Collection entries
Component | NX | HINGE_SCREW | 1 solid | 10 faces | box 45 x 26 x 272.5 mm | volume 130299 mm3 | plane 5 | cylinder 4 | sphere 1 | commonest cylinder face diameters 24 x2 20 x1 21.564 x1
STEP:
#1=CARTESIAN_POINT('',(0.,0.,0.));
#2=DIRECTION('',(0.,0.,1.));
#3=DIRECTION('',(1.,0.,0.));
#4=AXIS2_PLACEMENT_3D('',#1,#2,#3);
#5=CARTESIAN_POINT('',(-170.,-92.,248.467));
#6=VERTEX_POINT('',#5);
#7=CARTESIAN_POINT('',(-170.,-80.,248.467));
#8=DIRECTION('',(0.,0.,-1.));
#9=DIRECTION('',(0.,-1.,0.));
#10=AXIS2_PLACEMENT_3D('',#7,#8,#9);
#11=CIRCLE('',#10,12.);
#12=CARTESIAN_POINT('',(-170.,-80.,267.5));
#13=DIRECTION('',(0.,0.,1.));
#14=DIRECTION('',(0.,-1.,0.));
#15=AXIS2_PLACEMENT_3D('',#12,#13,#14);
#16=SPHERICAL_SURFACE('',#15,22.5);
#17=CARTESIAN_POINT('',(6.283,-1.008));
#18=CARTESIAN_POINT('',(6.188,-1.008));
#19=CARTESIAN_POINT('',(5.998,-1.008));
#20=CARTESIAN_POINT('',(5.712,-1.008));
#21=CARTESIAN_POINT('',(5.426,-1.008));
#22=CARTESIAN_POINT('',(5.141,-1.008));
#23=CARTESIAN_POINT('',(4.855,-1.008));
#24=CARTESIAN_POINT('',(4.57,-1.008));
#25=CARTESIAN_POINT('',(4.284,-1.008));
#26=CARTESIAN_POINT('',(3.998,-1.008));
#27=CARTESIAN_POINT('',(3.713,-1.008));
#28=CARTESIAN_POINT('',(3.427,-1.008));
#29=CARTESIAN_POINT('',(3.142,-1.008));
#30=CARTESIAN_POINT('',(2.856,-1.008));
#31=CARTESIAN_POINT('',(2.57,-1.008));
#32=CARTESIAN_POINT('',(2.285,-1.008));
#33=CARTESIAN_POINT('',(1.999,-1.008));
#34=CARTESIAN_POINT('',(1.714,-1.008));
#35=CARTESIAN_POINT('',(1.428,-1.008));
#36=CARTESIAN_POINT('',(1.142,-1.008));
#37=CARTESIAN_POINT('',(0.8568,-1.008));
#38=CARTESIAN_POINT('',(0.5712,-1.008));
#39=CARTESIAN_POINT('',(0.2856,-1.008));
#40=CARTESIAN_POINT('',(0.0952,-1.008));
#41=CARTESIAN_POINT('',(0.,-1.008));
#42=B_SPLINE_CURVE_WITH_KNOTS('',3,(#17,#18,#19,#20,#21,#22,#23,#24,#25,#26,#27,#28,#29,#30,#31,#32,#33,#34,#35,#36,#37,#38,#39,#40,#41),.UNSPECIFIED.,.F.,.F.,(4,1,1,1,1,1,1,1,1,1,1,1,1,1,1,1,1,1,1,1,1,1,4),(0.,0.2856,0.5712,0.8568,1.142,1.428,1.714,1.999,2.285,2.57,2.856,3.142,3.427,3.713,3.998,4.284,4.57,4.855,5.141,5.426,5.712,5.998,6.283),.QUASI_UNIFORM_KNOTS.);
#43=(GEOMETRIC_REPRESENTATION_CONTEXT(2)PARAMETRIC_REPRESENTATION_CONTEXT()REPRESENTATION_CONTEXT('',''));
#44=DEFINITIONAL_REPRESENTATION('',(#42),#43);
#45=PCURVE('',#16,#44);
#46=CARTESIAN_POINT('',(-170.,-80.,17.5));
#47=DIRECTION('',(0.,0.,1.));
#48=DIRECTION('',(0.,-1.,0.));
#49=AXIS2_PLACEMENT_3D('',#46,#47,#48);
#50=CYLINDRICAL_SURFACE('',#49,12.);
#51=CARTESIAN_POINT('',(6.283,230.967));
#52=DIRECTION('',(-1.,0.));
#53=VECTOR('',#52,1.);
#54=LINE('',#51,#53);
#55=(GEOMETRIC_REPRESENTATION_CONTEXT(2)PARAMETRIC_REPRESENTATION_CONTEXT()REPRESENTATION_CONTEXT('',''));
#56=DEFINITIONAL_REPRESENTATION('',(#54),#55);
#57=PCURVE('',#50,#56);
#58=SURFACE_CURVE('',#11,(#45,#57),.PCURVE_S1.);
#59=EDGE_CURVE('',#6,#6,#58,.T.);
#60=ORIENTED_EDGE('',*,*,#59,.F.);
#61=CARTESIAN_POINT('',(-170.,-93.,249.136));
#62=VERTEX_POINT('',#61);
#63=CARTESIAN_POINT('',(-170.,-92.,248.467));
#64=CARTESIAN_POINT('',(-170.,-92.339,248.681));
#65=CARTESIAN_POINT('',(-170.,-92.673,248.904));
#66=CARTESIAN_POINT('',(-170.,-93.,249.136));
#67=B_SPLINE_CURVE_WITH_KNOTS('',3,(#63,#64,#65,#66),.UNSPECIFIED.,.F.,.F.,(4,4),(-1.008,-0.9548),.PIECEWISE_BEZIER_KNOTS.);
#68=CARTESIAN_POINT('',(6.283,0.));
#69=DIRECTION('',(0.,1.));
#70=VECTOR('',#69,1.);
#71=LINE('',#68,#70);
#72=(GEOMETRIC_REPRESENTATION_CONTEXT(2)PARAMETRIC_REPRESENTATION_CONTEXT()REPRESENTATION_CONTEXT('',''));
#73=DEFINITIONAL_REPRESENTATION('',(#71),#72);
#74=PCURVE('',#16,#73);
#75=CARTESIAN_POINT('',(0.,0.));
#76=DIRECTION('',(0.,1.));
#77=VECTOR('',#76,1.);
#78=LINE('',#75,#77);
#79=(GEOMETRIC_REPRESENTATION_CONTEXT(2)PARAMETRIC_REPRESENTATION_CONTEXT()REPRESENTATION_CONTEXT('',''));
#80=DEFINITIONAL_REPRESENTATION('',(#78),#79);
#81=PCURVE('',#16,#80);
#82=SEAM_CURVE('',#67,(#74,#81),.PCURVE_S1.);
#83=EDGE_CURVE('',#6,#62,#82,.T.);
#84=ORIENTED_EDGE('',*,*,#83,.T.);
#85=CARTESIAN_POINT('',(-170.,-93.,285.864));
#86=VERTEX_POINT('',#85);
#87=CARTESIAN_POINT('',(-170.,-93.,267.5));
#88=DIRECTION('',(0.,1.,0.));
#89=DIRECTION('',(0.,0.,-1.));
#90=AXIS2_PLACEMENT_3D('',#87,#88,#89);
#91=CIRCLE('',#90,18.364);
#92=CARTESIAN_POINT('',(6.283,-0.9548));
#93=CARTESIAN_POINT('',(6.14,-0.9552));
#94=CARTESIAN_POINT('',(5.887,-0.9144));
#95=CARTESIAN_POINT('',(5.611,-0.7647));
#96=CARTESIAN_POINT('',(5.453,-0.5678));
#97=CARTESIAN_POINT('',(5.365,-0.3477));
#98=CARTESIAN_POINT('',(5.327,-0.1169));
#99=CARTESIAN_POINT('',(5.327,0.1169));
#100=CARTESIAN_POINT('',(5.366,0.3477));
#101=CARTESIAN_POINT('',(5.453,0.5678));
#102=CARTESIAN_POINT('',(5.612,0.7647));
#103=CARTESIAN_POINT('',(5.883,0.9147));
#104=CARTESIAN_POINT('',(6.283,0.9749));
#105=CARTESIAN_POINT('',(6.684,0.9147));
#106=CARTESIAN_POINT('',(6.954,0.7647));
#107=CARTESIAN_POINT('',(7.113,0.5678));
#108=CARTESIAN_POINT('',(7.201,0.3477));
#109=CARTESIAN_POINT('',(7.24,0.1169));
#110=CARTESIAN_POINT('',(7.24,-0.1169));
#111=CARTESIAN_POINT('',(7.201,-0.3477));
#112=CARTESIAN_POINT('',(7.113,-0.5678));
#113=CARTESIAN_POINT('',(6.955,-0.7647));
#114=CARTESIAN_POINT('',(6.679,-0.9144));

What you have to do ▸
What you give back should be the lines from the one with "#94=CARTESIAN_POINT('',(5.887,-0.9144));" to the end of the data, copied exactly, both ends included.

Reply ▸
#94=CARTESIAN_POINT('',(5.887,-0.9144));
#95=CARTESIAN_POINT('',(5.611,-0.7647));
#96=CARTESIAN_POINT('',(5.453,-0.5678));
#97=CARTESIAN_POINT('',(5.365,-0.3477));
#98=CARTESIAN_POINT('',(5.327,-0.1169));
#99=CARTESIAN_POINT('',(5.327,0.1169));
#100=CARTESIAN_POINT('',(5.366,0.3477));
#101=CARTESIAN_POINT('',(5.453,0.5678));
#102=CARTESIAN_POINT('',(5.612,0.7647));
#103=CARTESIAN_POINT('',(5.883,0.9147));
#104=CARTESIAN_POINT('',(6.283,0.9749));
#105=CARTESIAN_POINT('',(6.684,0.9147));
#106=CARTESIAN_POINT('',(6.954,0.7647));
#107=CARTESIAN_POINT('',(7.113,0.5678));
#108=CARTESIAN_POINT('',(7.201,0.3477));
#109=CARTESIAN_POINT('',(7.24,0.1169));
#110=CARTESIAN_POINT('',(7.24,-0.1169));
#111=CARTESIAN_POINT('',(7.201,-0.3477));
#112=CARTESIAN_POINT('',(7.113,-0.5678));
#113=CARTESIAN_POINT('',(6.955,-0.7647));
#114=CARTESIAN_POINT('',(6.679,-0.9144));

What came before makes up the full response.